Work to complete :: Search the listing below for the string "None" and show each line that contains it.

Material shown ::
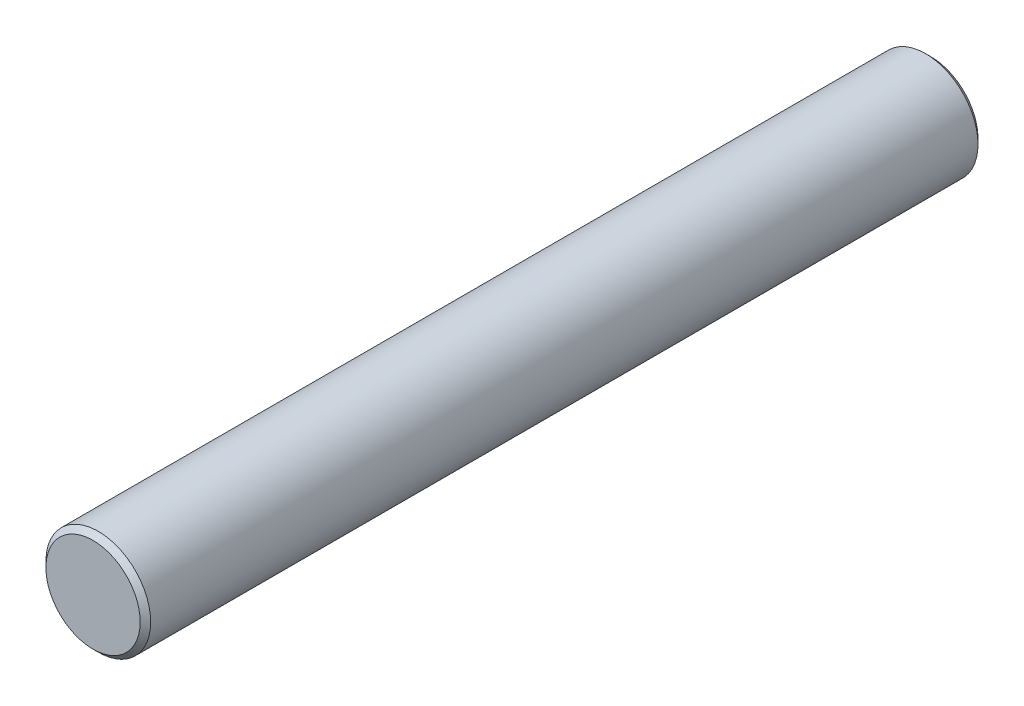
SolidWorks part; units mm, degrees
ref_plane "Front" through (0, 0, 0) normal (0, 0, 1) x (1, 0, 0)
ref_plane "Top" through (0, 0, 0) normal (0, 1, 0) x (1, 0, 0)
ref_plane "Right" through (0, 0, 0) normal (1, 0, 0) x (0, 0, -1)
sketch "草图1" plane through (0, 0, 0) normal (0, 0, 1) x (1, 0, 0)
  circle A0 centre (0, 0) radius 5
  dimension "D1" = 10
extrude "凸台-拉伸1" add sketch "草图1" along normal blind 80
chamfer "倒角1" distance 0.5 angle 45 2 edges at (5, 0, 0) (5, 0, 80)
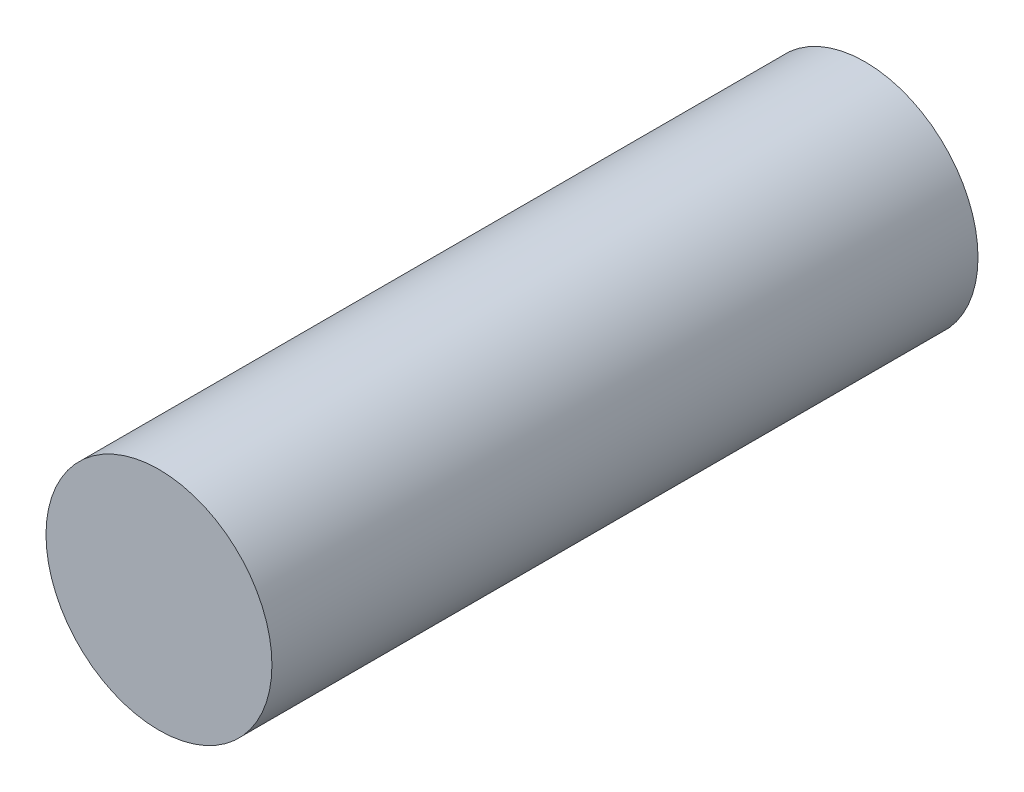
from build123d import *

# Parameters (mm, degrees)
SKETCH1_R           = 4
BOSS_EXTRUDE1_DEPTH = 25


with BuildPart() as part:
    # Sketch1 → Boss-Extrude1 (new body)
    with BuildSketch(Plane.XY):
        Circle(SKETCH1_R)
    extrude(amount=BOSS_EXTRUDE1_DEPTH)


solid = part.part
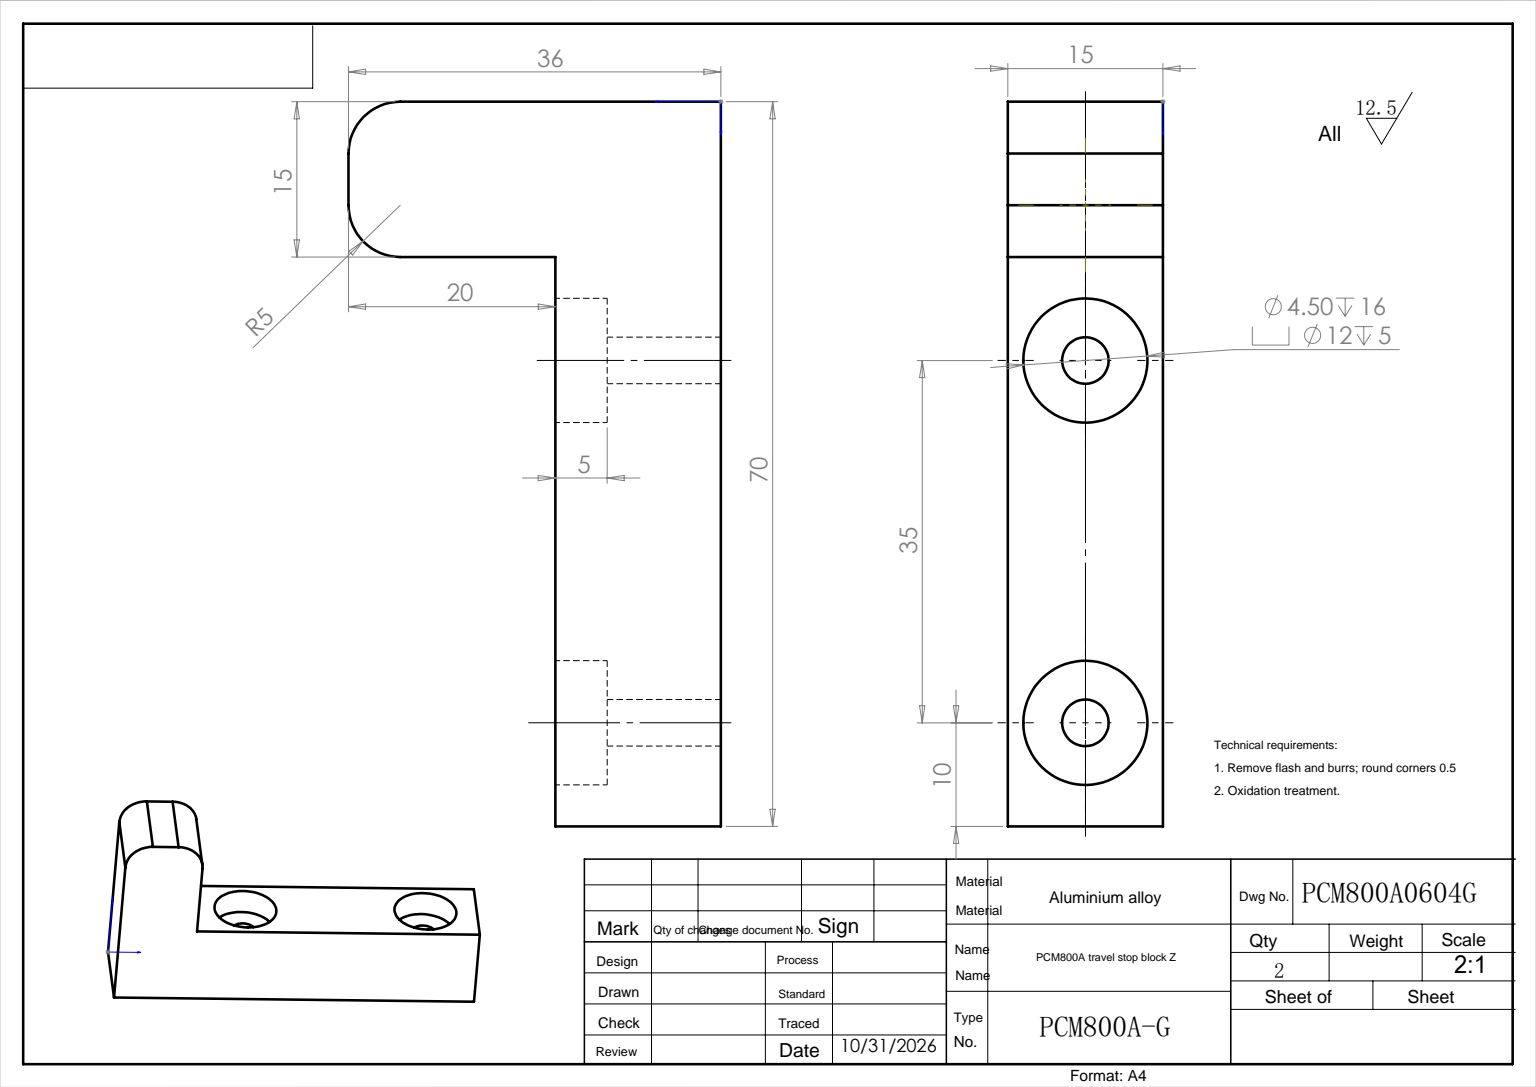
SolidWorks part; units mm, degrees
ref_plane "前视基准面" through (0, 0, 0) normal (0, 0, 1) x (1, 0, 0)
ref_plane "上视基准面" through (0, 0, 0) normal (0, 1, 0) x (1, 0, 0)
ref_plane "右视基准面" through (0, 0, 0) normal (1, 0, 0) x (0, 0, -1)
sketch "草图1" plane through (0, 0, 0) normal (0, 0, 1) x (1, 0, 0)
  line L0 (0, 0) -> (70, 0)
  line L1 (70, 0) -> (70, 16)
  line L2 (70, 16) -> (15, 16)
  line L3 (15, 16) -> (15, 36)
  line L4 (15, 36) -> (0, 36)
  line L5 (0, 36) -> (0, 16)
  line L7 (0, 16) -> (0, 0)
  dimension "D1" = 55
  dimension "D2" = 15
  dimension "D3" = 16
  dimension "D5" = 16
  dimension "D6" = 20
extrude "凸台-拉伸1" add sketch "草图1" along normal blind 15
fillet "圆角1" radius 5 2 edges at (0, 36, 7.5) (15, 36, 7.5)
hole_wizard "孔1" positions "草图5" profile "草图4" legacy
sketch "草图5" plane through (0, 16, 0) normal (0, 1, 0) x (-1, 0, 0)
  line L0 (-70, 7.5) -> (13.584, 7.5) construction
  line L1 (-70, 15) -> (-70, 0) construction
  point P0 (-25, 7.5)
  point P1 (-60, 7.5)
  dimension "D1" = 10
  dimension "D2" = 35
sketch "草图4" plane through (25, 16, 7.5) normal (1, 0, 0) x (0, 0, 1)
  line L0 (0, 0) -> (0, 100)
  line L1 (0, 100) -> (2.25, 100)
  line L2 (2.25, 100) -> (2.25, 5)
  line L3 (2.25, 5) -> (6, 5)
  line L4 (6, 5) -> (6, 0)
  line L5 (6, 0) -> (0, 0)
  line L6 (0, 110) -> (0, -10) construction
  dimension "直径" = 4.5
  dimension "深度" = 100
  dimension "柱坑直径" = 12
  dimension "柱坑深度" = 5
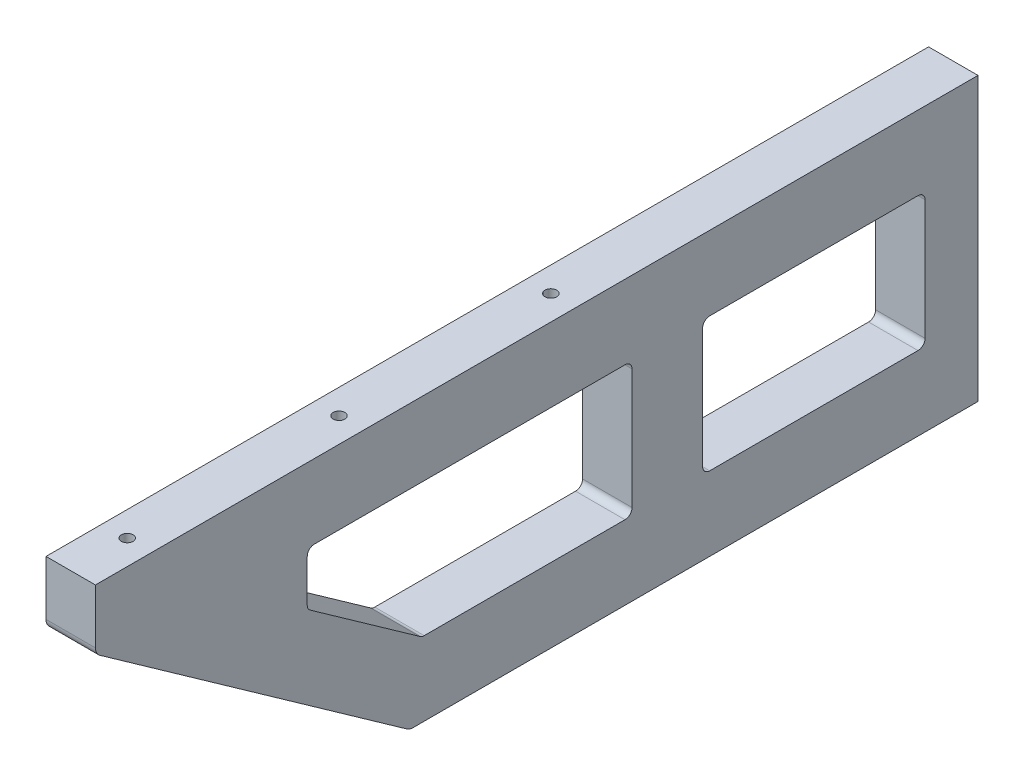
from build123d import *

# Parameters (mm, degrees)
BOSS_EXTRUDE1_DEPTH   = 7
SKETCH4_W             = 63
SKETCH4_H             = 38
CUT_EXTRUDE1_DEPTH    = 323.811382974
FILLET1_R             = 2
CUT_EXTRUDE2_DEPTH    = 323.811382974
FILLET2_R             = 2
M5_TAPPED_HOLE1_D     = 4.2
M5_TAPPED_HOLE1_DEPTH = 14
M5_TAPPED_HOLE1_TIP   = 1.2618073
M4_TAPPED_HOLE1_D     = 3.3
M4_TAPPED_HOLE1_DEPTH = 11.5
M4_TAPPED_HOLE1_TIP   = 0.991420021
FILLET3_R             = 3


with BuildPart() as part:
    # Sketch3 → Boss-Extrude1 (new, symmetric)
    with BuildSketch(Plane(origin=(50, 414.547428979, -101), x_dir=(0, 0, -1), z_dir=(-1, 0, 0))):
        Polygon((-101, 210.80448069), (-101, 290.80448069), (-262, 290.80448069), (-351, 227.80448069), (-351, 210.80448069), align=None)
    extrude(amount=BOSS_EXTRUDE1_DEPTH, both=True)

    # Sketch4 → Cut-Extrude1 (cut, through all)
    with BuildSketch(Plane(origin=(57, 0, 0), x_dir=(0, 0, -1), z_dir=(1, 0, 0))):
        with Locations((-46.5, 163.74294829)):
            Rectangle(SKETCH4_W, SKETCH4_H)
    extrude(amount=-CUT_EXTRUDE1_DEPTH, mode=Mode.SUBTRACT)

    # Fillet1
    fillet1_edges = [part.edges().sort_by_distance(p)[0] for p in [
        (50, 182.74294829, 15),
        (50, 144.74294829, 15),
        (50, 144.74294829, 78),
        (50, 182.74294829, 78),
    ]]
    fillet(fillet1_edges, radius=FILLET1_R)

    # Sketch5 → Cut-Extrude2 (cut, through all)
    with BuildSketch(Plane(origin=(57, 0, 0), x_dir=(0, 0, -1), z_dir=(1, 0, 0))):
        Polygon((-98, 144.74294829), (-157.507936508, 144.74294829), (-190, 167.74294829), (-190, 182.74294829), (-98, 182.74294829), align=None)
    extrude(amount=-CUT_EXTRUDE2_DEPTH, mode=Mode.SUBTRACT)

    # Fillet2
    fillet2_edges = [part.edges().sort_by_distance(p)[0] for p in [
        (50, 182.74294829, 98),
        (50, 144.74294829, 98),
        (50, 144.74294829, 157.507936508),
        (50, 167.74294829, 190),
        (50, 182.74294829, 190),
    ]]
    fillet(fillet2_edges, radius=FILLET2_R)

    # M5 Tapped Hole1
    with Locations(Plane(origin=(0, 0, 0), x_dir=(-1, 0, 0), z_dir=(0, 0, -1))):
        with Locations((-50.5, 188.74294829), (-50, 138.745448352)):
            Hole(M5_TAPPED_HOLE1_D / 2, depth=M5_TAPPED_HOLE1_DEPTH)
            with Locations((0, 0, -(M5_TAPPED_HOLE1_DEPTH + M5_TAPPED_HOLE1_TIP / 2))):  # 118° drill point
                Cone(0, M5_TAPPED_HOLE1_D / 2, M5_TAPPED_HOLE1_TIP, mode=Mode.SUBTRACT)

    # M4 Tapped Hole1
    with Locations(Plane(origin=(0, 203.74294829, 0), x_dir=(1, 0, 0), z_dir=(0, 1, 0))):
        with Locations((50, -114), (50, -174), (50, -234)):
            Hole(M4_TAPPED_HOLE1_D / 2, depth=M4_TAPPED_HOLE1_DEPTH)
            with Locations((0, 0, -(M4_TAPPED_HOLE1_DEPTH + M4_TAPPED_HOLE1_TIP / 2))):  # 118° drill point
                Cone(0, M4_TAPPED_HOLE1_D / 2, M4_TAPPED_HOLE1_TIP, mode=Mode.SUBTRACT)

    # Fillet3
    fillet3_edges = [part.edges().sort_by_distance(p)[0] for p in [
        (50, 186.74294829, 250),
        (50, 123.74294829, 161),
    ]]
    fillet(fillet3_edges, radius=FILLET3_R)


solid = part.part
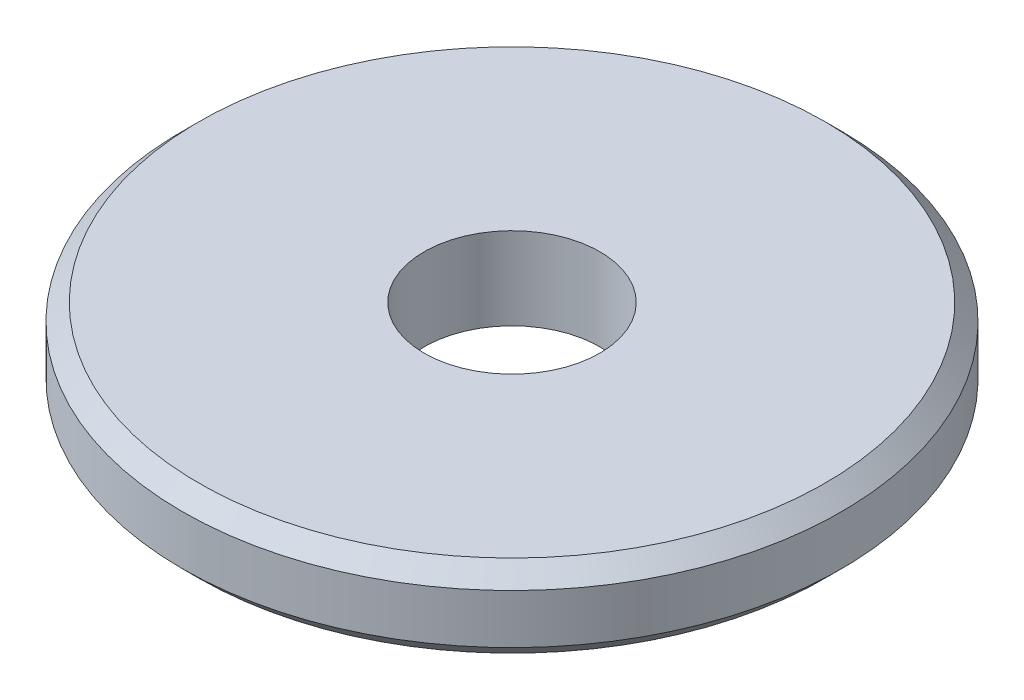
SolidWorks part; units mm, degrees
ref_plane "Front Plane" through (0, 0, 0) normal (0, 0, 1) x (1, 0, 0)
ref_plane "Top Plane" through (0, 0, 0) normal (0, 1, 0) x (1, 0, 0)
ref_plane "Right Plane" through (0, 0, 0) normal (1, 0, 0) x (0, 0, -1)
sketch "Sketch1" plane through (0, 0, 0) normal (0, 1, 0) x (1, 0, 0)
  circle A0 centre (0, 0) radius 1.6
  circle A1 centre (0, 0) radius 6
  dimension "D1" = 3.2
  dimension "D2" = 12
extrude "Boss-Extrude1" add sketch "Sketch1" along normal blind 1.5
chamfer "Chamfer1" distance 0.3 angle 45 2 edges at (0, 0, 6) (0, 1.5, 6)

Result of this task ::
        Polygon((-101, 210.80448069), (-101, 290.80448069), (-262, 290.80448069), (-351, 227.80448069), (-351, 210.80448069), align=None)
        Polygon((-98, 144.74294829), (-157.507936508, 144.74294829), (-190, 167.74294829), (-190, 182.74294829), (-98, 182.74294829), align=None)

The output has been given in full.